--- ASSIGNMENT ---
In the records that follow, find each line with "CompositionType" and pull it out.

** DATA TO PROCESS follows **

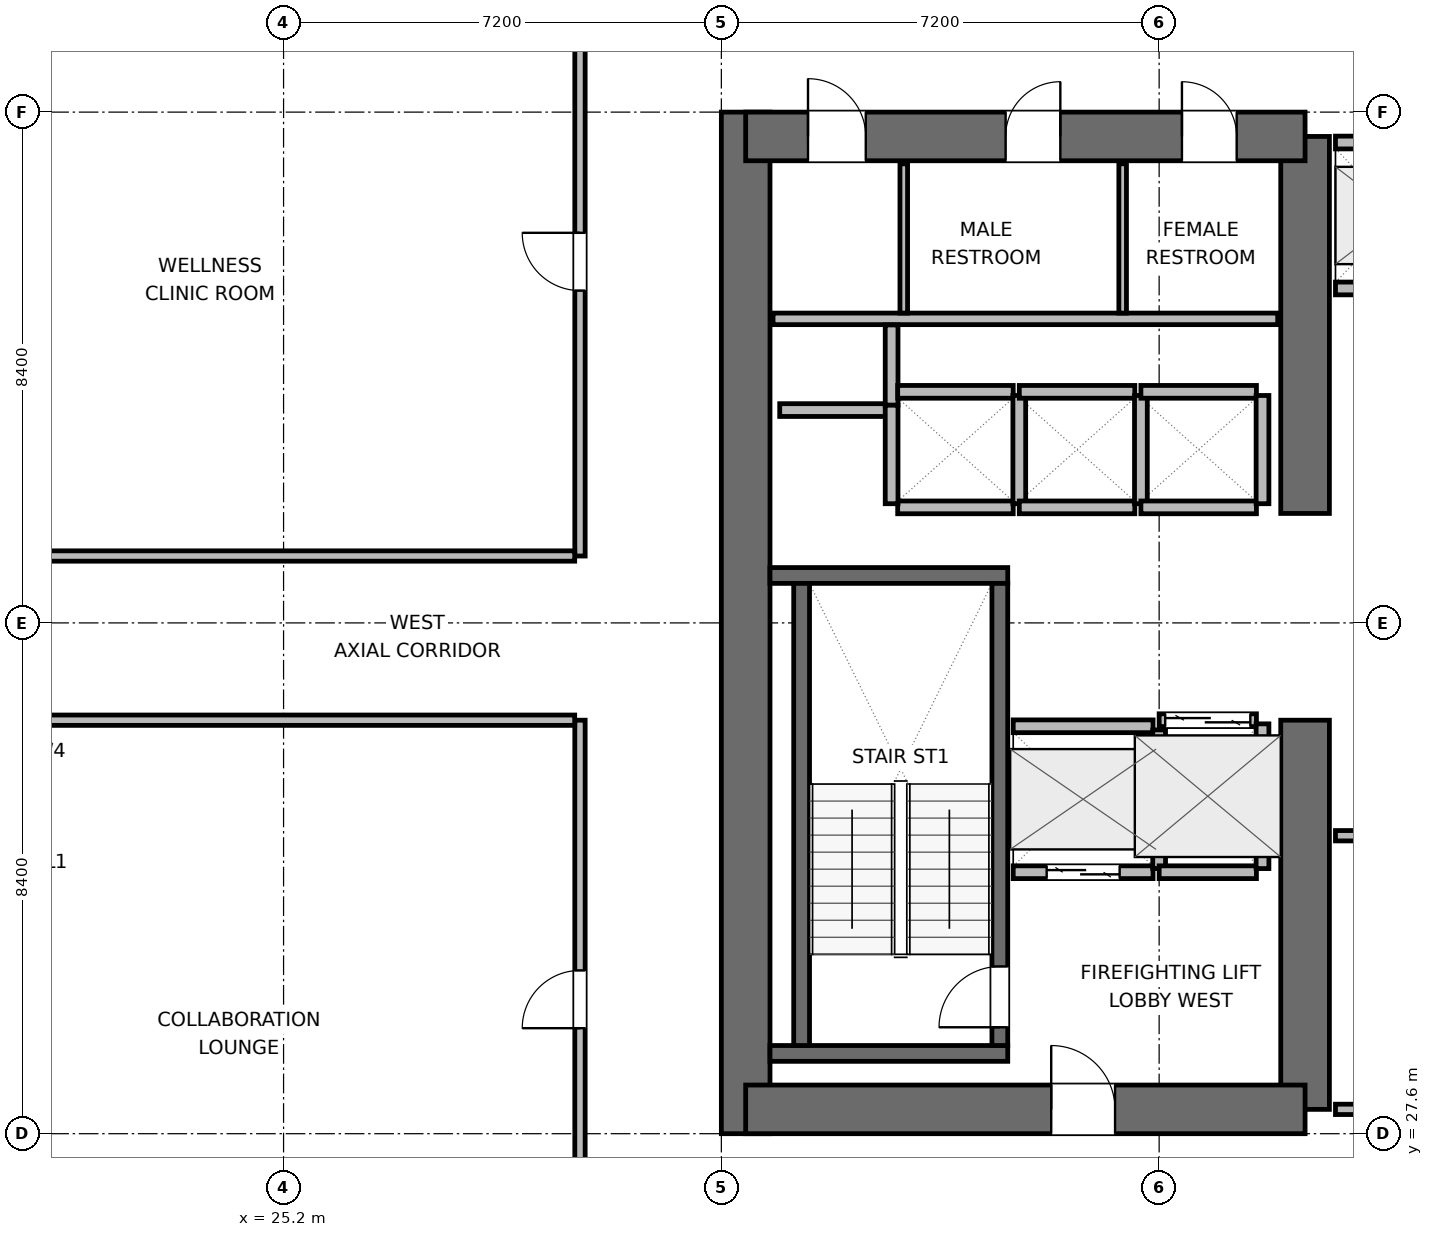
"""IFC4 building model, lengths in metres.
Left out: names, types, materials, properties, quantities, classifications, styles, units other than length and angle.
Written with IfcOpenShell. Run it as: python <this file> out.ifc"""

import sys

from ifc_helpers import new_model, si_unit, direction, frame, frame_2d, origin, place, context, subcontext, project, spatial, rectangle, extrude, element, fill, save


model = new_model("IFC4")
c1 = context("Model", 3, precision=1e-05, world=origin(), true_north=direction((0.0, 1.0)))
c2 = subcontext(c1, "Body", "Model", "MODEL_VIEW")
j1 = project(units=[si_unit("LENGTHUNIT", "METRE"), si_unit("PLANEANGLEUNIT", "RADIAN")], contexts=[c1])
p1 = place(None, origin())
s1 = spatial("IfcSite", under=j1, at=p1, CompositionType="ELEMENT")
p2 = place(p1, origin())
s2 = spatial("IfcBuilding", under=s1, at=p2, CompositionType="ELEMENT")
p3 = place(p2, frame((0.0, 0.0, 158.4)))
s3 = spatial("IfcBuildingStorey", under=s2, at=p3, CompositionType="ELEMENT", Elevation=158.4)
p4 = place(p3, frame((32.8, 27.6, 0.0), z_axis=(0.0, 0.0, 1.0), x_axis=(0.0, 1.0, 0.0)))
e1 = element("IfcWall", 1, at=p4, inside=s3, PredefinedType="SHEAR", context=c2, shape_type="SweptSolid", body=[
    extrude(rectangle(XDim=16.8, YDim=0.8, at=frame_2d((8.4, 0.0))), origin(), (0.0, 0.0, 1.0), 3.9),
])
p5 = place(p3, frame((42.0, 28.0, 0.0), z_axis=(0.0, 0.0, 1.0), x_axis=(0.0, 1.0, 0.0)))
e2 = element("IfcWall", 2, at=p5, inside=s3, PredefinedType="SHEAR", context=c2, shape_type="SweptSolid", body=[
    extrude(rectangle(XDim=6.4, YDim=0.8, at=frame_2d((3.2, 0.0))), origin(), (0.0, 0.0, 1.0), 3.9),
])
p6 = place(p3, frame((42.0, 37.8, 0.0), z_axis=(0.0, 0.0, 1.0), x_axis=(0.0, 1.0, 0.0)))
e3 = element("IfcWall", 3, at=p6, inside=s3, PredefinedType="SHEAR", context=c2, shape_type="SweptSolid", body=[
    extrude(rectangle(XDim=6.2, YDim=0.8, at=frame_2d((3.1, 0.0))), origin(), (0.0, 0.0, 1.0), 3.9),
])
p7 = place(p3, frame((32.8, 28.0, 0.0), z_axis=(0.0, 0.0, 1.0), x_axis=(1.0, 0.0, 0.0)))
e4 = element("IfcWall", 4, at=p7, inside=s3, PredefinedType="SHEAR", context=c2, shape_type="SweptSolid", body=[
    extrude(rectangle(XDim=9.2, YDim=0.8, at=frame_2d((4.6, 0.0))), origin(), (0.0, 0.0, 1.0), 3.9),
])
p8 = place(p7, frame((5.025, 0.0, 0.0)))
e5 = element("IfcOpeningElement", 5, at=p8, cuts=e4, PredefinedType="OPENING", context=c2, shape_type="SweptSolid", body=[
    extrude(rectangle(XDim=1.05, YDim=2.04, at=frame_2d((0.525, 1.02))), frame((0.0, 0.41, 0.0), z_axis=(0.0, -1.0, 0.0), x_axis=(1.0, 0.0, 0.0)), (0.0, 0.0, 1.0), 0.82),
])
p9 = place(p3, frame((32.8, 44.0, 0.0), z_axis=(0.0, 0.0, 1.0), x_axis=(1.0, 0.0, 0.0)))
e6 = element("IfcWall", 6, at=p9, inside=s3, PredefinedType="SHEAR", context=c2, shape_type="SweptSolid", body=[
    extrude(rectangle(XDim=9.2, YDim=0.8, at=frame_2d((4.6, 0.0))), origin(), (0.0, 0.0, 1.0), 3.9),
])
p10 = place(p9, frame((1.025, 0.0, 0.0)))
e7 = element("IfcOpeningElement", 7, at=p10, cuts=e6, PredefinedType="OPENING", context=c2, shape_type="SweptSolid", body=[
    extrude(rectangle(XDim=0.95, YDim=2.04, at=frame_2d((0.475, 1.02))), frame((0.0, 0.41, 0.0), z_axis=(0.0, -1.0, 0.0), x_axis=(1.0, 0.0, 0.0)), (0.0, 0.0, 1.0), 0.82),
])
p11 = place(p9, frame((4.275, 0.0, 0.0)))
e8 = element("IfcOpeningElement", 8, at=p11, cuts=e6, PredefinedType="OPENING", context=c2, shape_type="SweptSolid", body=[
    extrude(rectangle(XDim=0.9, YDim=2.02, at=frame_2d((0.45, 1.01))), frame((0.0, 0.41, 0.0), z_axis=(0.0, -1.0, 0.0), x_axis=(1.0, 0.0, 0.0)), (0.0, 0.0, 1.0), 0.82),
])
p12 = place(p9, frame((7.175, 0.0, 0.0)))
e9 = element("IfcOpeningElement", 9, at=p12, cuts=e6, PredefinedType="OPENING", context=c2, shape_type="SweptSolid", body=[
    extrude(rectangle(XDim=0.9, YDim=2.02, at=frame_2d((0.45, 1.01))), frame((0.0, 0.41, 0.0), z_axis=(0.0, -1.0, 0.0), x_axis=(1.0, 0.0, 0.0)), (0.0, 0.0, 1.0), 0.82),
])
for number, where, z_axis, x_axis in (
    (10, (33.2, 28.92, 0.0), (0.0, 0.0, 1.0), (1.0, 0.0, 0.0)),
    (11, (33.2, 36.78, 0.0), (0.0, 0.0, 1.0), (1.0, 0.0, 0.0)),
):
    element("IfcWall", number, at=place(p3, frame(where, z_axis=z_axis, x_axis=x_axis)), inside=s3, PredefinedType="SHEAR", context=c2, shape_type="SweptSolid", body=[
        extrude(rectangle(XDim=3.91, YDim=0.26, at=frame_2d((1.955, 0.0))), origin(), (0.0, 0.0, 1.0), 3.9),
    ])
p13 = place(p3, frame((33.72, 29.05, 0.0), z_axis=(0.0, 0.0, 1.0), x_axis=(0.0, 1.0, 0.0)))
e12 = element("IfcWall", 12, at=p13, inside=s3, PredefinedType="SHEAR", context=c2, shape_type="SweptSolid", body=[
    extrude(rectangle(XDim=7.6, YDim=0.26, at=frame_2d((3.8, 0.0))), origin(), (0.0, 0.0, 1.0), 3.9),
])
p14 = place(p3, frame((36.98, 29.05, 0.0), z_axis=(0.0, 0.0, 1.0), x_axis=(0.0, 1.0, 0.0)))
e13 = element("IfcWall", 13, at=p14, inside=s3, PredefinedType="SHEAR", context=c2, shape_type="SweptSolid", body=[
    extrude(rectangle(XDim=7.6, YDim=0.26, at=frame_2d((3.8, 0.0))), origin(), (0.0, 0.0, 1.0), 3.9),
])
p15 = place(p14, frame((0.3, 0.0, 0.0)))
e14 = element("IfcOpeningElement", 14, at=p15, cuts=e13, PredefinedType="OPENING", context=c2, shape_type="SweptSolid", body=[
    extrude(rectangle(XDim=1.0, YDim=2.04, at=frame_2d((0.5, 1.02))), frame((0.0, 0.14, 0.0), z_axis=(0.0, -1.0, 0.0), x_axis=(1.0, 0.0, 0.0)), (0.0, 0.0, 1.0), 0.28),
])
p16 = place(p3, frame((33.25, 41.0, 0.0), z_axis=(0.0, 0.0, 1.0), x_axis=(1.0, 0.0, 0.0)))
e15 = element("IfcWall", 15, at=p16, inside=s3, PredefinedType="PLUMBINGWALL", context=c2, shape_type="SweptSolid", body=[
    extrude(rectangle(XDim=8.3, YDim=0.19, at=frame_2d((4.15, 0.0))), origin(), (0.0, 0.0, 1.0), 3.68),
])
for number, where, z_axis, x_axis in (
    (16, (35.4, 41.095, 0.0), (0.0, 0.0, 1.0), (0.0, 1.0, 0.0)),
    (17, (39.0, 41.095, 0.0), (0.0, 0.0, 1.0), (0.0, 1.0, 0.0)),
):
    element("IfcWall", number, at=place(p3, frame(where, z_axis=z_axis, x_axis=x_axis)), inside=s3, PredefinedType="PARTITIONING", context=c2, shape_type="SweptSolid", body=[
        extrude(rectangle(XDim=2.455, YDim=0.125, at=frame_2d((1.228, 0.0))), origin(), (0.0, 0.0, 1.0), 3.68),
    ])
p17 = place(p3, frame((33.36, 39.5, 0.0), z_axis=(0.0, 0.0, 1.0), x_axis=(1.0, 0.0, 0.0)))
e18 = element("IfcWall", 18, at=p17, inside=s3, PredefinedType="PARTITIONING", context=c2, shape_type="SweptSolid", body=[
    extrude(rectangle(XDim=1.86, YDim=0.21, at=frame_2d((0.93, 0.0))), origin(), (0.0, 0.0, 1.0), 3.68),
])
p18 = place(p3, frame((35.2, 39.58, 0.0), z_axis=(0.0, 0.0, 1.0), x_axis=(0.0, 1.0, 0.0)))
e19 = element("IfcWall", 19, at=p18, inside=s3, PredefinedType="PARTITIONING", context=c2, shape_type="SweptSolid", body=[
    extrude(rectangle(XDim=1.32, YDim=0.21, at=frame_2d((0.66, 0.0))), origin(), (0.0, 0.0, 1.0), 3.68),
])
p19 = place(p3, frame((37.2, 31.9, 0.0), z_axis=(0.0, 0.0, 1.0), x_axis=(1.0, 0.0, 0.0)))
e20 = element("IfcWall", 20, at=p19, inside=s3, PredefinedType="PARTITIONING", context=c2, shape_type="SweptSolid", body=[
    extrude(rectangle(XDim=2.3, YDim=0.21, at=frame_2d((1.15, 0.0))), origin(), (0.0, 0.0, 1.0), 3.68),
])
p20 = place(p19, frame((0.55, 0.0, 0.0)))
e21 = element("IfcOpeningElement", 21, at=p20, cuts=e20, PredefinedType="OPENING", context=c2, shape_type="SweptSolid", body=[
    extrude(rectangle(XDim=1.2, YDim=2.04, at=frame_2d((0.6, 1.02))), frame((0.0, 0.115, 0.0), z_axis=(0.0, -1.0, 0.0), x_axis=(1.0, 0.0, 0.0)), (0.0, 0.0, 1.0), 0.23),
])
p21 = place(p3, frame((37.2, 34.3, 0.0), z_axis=(0.0, 0.0, 1.0), x_axis=(1.0, 0.0, 0.0)))
e22 = element("IfcWall", 22, at=p21, inside=s3, PredefinedType="PARTITIONING", context=c2, shape_type="SweptSolid", body=[
    extrude(rectangle(XDim=2.3, YDim=0.21, at=frame_2d((1.15, 0.0))), origin(), (0.0, 0.0, 1.0), 3.68),
])
p22 = place(p3, frame((39.6, 31.96, 0.0), z_axis=(0.0, 0.0, 1.0), x_axis=(0.0, 1.0, 0.0)))
e23 = element("IfcWall", 23, at=p22, inside=s3, PredefinedType="PARTITIONING", context=c2, shape_type="SweptSolid", body=[
    extrude(rectangle(XDim=2.28, YDim=0.21, at=frame_2d((1.14, 0.0))), origin(), (0.0, 0.0, 1.0), 3.68),
])
p23 = place(p3, frame((39.6, 34.4, 0.0), z_axis=(0.0, 0.0, 1.0), x_axis=(1.0, 0.0, 0.0)))
e24 = element("IfcWall", 24, at=p23, inside=s3, PredefinedType="PARTITIONING", context=c2, shape_type="SweptSolid", body=[
    extrude(rectangle(XDim=1.6, YDim=0.21, at=frame_2d((0.8, 0.0))), origin(), (0.0, 0.0, 1.0), 3.68),
])
p24 = place(p23, frame((0.1, 0.0, 0.0)))
e25 = element("IfcOpeningElement", 25, at=p24, cuts=e24, PredefinedType="OPENING", context=c2, shape_type="SweptSolid", body=[
    extrude(rectangle(XDim=1.4, YDim=2.06, at=frame_2d((0.7, 1.03))), frame((0.0, 0.115, 0.0), z_axis=(0.0, -1.0, 0.0), x_axis=(1.0, 0.0, 0.0)), (0.0, 0.0, 1.0), 0.23),
])
p25 = place(p3, frame((39.6, 31.9, 0.0), z_axis=(0.0, 0.0, 1.0), x_axis=(1.0, 0.0, 0.0)))
e26 = element("IfcWall", 26, at=p25, inside=s3, PredefinedType="PARTITIONING", context=c2, shape_type="SweptSolid", body=[
    extrude(rectangle(XDim=1.6, YDim=0.21, at=frame_2d((0.8, 0.0))), origin(), (0.0, 0.0, 1.0), 3.68),
])
p26 = place(p3, frame((41.3, 31.96, 0.0), z_axis=(0.0, 0.0, 1.0), x_axis=(0.0, 1.0, 0.0)))
e27 = element("IfcWall", 27, at=p26, inside=s3, PredefinedType="PARTITIONING", context=c2, shape_type="SweptSolid", body=[
    extrude(rectangle(XDim=2.38, YDim=0.21, at=frame_2d((1.19, 0.0))), origin(), (0.0, 0.0, 1.0), 3.68),
])
p27 = place(p3, frame((42.5, 41.5, 0.0), z_axis=(0.0, 0.0, 1.0), x_axis=(1.0, 0.0, 0.0)))
e28 = element("IfcWall", 28, at=p27, inside=s3, PredefinedType="PARTITIONING", context=c2, shape_type="SweptSolid", body=[
    extrude(rectangle(XDim=2.1, YDim=0.21, at=frame_2d((1.05, 0.0))), origin(), (0.0, 0.0, 1.0), 3.68),
])
p28 = place(p27, frame((0.5, 0.0, 0.0)))
e29 = element("IfcOpeningElement", 29, at=p28, cuts=e28, PredefinedType="OPENING", context=c2, shape_type="SweptSolid", body=[
    extrude(rectangle(XDim=1.1, YDim=2.04, at=frame_2d((0.55, 1.02))), frame((0.0, 0.115, 0.0), z_axis=(0.0, -1.0, 0.0), x_axis=(1.0, 0.0, 0.0)), (0.0, 0.0, 1.0), 0.23),
])
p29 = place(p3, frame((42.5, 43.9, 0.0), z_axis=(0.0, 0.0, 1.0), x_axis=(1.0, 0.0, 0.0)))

** End of DATA TO PROCESS **

--- SOLUTION FOR THIS TASK ---
s1 = spatial("IfcSite", under=j1, at=p1, CompositionType="ELEMENT")
s2 = spatial("IfcBuilding", under=s1, at=p2, CompositionType="ELEMENT")
s3 = spatial("IfcBuildingStorey", under=s2, at=p3, CompositionType="ELEMENT", Elevation=158.4)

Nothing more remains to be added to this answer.